#### Task description:
Among the entries, find the lines with the string "save" and copy them.

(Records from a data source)
▼▼▼

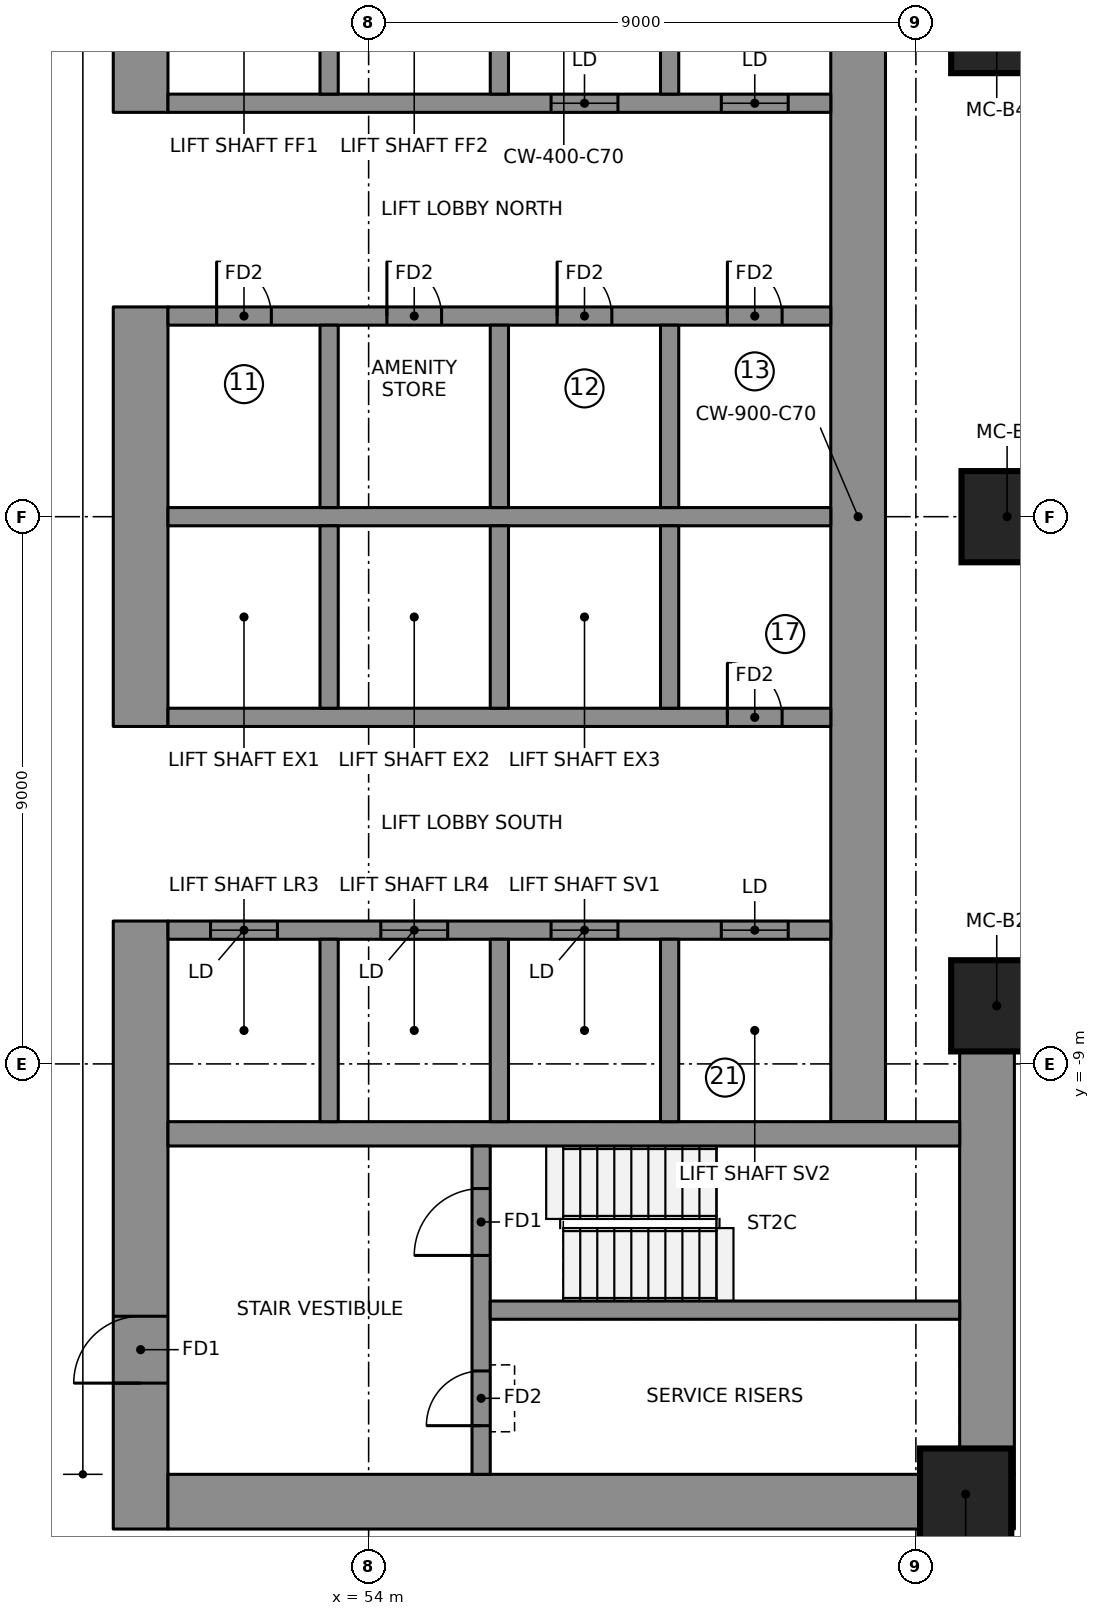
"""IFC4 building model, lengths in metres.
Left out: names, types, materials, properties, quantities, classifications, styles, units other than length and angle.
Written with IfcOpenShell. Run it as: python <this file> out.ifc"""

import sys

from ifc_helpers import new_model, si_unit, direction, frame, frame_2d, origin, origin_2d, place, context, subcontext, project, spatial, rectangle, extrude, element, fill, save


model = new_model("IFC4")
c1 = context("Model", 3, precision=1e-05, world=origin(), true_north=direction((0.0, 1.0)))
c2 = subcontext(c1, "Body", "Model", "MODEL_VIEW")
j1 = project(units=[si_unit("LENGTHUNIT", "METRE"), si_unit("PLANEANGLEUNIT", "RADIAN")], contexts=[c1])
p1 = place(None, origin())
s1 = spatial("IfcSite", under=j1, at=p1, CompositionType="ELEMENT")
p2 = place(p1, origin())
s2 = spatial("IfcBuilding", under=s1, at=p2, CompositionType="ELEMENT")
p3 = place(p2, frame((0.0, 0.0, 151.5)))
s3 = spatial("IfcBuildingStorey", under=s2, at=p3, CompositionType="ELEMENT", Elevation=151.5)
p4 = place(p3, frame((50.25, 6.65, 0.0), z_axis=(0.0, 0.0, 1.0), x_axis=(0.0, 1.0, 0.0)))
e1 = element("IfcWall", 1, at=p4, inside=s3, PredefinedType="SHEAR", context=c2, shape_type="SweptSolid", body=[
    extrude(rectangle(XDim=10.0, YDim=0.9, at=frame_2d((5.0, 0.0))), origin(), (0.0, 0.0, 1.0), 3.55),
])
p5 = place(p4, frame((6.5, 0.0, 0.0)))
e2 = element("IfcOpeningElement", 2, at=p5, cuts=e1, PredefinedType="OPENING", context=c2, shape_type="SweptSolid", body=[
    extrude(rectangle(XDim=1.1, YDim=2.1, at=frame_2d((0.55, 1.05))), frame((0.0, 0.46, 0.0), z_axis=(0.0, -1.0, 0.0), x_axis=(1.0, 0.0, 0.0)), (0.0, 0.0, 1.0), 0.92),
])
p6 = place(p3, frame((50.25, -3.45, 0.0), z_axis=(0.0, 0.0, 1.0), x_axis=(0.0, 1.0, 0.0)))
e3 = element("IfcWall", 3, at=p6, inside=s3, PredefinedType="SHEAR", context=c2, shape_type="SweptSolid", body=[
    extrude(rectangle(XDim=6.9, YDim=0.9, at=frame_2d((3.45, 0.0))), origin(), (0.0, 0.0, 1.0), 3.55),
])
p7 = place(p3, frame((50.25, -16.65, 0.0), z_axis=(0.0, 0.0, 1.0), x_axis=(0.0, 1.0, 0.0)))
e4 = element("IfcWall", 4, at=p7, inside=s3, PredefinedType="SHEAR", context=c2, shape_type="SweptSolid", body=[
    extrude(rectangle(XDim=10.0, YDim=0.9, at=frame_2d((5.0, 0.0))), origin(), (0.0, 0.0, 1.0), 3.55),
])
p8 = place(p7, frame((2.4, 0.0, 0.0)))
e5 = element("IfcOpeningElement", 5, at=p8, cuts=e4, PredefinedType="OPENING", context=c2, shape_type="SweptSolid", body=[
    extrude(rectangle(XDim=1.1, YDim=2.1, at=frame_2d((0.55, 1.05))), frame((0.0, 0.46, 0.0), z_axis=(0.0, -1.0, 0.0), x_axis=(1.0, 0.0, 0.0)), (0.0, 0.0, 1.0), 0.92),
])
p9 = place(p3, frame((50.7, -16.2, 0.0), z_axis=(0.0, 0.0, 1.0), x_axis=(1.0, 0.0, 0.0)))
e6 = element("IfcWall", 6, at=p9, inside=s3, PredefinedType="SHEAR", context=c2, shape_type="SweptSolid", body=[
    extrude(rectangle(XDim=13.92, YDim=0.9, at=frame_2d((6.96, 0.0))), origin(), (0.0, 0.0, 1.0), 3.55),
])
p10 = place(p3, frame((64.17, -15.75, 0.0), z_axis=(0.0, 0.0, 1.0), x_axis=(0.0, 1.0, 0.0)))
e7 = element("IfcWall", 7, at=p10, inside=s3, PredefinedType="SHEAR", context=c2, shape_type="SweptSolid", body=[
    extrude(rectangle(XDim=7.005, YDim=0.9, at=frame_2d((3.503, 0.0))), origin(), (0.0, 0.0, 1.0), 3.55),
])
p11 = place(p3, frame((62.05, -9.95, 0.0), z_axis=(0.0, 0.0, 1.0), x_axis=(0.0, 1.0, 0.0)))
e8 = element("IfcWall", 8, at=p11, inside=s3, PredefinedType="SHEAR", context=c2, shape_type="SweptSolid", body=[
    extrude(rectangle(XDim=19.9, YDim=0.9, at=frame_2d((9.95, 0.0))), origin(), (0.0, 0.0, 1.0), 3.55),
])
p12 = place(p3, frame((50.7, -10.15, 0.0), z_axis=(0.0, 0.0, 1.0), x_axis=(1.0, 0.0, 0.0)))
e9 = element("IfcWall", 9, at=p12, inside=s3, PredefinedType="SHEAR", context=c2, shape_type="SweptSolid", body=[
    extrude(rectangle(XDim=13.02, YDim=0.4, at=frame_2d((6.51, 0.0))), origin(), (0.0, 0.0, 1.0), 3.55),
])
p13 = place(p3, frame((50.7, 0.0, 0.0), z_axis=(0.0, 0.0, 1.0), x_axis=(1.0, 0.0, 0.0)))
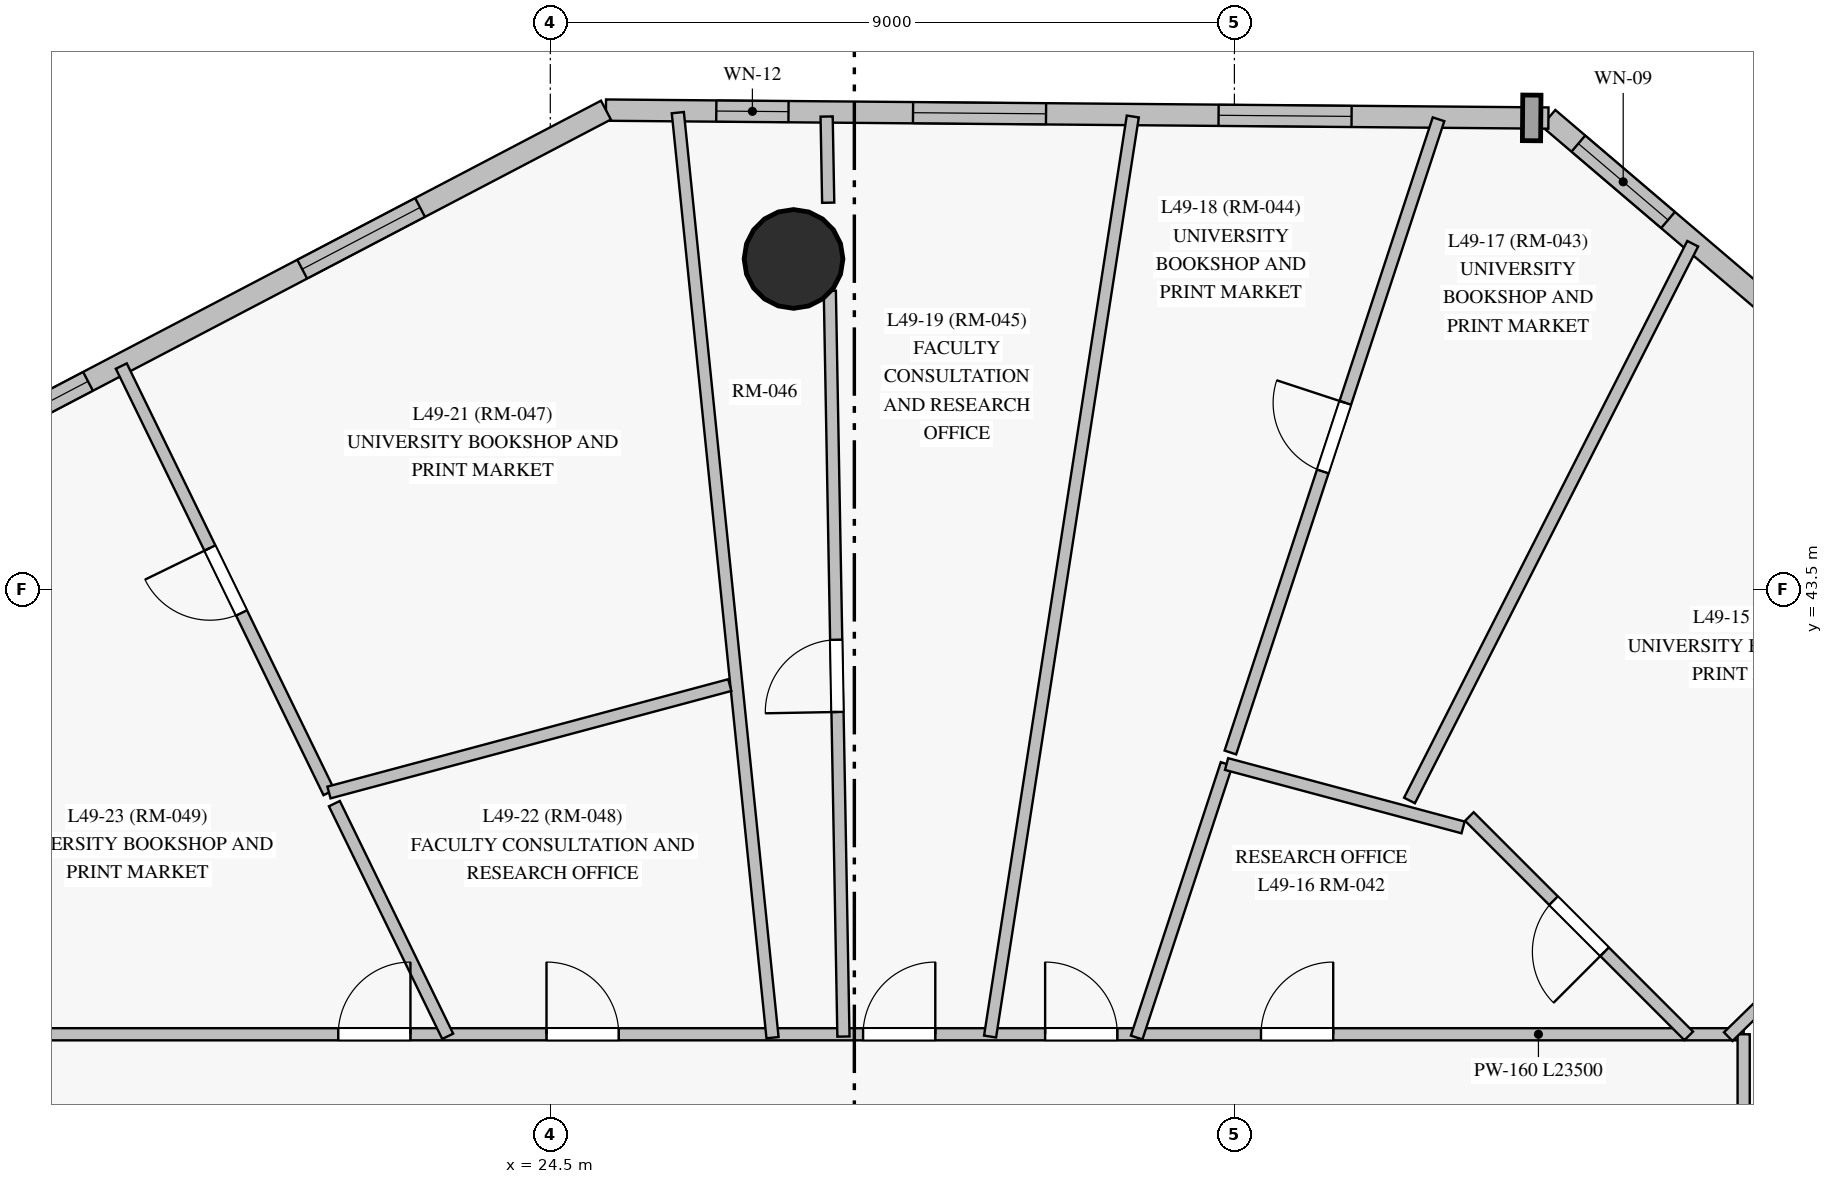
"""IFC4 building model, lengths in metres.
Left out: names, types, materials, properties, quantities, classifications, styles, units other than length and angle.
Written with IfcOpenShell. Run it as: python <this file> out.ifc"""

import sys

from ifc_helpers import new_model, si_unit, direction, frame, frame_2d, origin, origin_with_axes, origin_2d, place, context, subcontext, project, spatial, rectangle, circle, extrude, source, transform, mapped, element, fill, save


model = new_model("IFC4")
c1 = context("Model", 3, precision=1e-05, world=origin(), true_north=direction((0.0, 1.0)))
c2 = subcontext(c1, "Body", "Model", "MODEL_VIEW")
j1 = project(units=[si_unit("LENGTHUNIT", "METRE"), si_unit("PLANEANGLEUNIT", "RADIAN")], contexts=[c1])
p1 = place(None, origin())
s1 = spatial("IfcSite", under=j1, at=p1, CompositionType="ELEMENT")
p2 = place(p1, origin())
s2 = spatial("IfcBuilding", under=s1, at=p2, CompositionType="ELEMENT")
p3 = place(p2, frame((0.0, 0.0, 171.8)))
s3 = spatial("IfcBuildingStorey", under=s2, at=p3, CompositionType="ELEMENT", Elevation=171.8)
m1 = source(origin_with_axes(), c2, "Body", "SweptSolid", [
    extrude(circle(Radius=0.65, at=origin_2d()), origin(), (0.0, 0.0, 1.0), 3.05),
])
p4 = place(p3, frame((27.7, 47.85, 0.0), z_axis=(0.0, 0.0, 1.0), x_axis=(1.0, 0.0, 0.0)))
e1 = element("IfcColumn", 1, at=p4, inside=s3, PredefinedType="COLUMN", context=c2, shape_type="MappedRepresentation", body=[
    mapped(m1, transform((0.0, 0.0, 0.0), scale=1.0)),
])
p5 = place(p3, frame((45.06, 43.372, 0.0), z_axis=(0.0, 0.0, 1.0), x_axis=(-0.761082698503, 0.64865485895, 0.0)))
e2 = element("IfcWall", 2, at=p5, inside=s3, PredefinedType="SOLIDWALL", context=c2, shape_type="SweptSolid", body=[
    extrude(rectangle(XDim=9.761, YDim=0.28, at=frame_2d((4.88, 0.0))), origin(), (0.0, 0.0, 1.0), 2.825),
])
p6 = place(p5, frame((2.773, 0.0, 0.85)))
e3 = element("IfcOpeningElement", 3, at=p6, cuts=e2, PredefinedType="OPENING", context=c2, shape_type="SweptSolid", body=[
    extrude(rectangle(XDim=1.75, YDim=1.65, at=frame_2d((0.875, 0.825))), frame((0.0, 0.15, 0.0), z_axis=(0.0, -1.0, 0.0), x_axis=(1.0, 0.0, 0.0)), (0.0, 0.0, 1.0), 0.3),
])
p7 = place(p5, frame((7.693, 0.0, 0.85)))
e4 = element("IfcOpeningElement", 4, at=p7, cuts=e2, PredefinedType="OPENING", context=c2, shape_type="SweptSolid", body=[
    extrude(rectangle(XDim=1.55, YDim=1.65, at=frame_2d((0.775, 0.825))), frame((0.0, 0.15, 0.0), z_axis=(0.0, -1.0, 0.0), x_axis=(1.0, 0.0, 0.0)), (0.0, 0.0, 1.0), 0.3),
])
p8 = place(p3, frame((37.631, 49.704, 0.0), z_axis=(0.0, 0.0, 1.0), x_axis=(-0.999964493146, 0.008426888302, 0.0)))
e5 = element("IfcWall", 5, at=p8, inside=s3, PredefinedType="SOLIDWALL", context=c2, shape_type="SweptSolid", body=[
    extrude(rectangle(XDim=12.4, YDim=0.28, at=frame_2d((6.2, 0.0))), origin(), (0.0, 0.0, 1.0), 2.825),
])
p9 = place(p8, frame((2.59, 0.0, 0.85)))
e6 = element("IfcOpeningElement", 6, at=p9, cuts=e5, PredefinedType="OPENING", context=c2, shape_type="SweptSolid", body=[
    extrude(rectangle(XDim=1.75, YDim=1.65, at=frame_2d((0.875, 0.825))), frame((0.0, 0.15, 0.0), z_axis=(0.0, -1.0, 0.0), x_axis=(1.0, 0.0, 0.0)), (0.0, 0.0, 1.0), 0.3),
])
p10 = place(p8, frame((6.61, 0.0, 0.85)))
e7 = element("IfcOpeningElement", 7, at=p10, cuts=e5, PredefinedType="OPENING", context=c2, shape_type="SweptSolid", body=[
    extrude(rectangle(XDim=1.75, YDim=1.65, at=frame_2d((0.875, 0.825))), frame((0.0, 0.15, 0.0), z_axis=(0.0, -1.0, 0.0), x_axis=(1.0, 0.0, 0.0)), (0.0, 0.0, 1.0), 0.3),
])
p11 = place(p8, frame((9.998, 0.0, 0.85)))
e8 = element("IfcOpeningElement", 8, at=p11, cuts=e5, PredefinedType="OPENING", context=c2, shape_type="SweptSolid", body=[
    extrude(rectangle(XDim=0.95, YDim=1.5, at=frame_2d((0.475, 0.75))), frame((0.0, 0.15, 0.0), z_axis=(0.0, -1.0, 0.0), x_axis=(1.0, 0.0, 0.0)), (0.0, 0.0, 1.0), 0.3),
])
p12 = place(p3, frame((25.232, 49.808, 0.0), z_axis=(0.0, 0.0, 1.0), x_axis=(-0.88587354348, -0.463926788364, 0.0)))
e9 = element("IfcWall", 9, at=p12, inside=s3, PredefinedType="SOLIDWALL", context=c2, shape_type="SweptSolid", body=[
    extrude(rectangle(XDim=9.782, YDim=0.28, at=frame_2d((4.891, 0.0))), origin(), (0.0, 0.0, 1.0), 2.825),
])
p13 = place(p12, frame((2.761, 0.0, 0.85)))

▲▲▲

#### Output for this task:
from ifc_helpers import new_model, si_unit, direction, frame, frame_2d, origin, origin_2d, place, context, subcontext, project, spatial, rectangle, extrude, element, fill, save
from ifc_helpers import new_model, si_unit, direction, frame, frame_2d, origin, origin_with_axes, origin_2d, place, context, subcontext, project, spatial, rectangle, circle, extrude, source, transform, mapped, element, fill, save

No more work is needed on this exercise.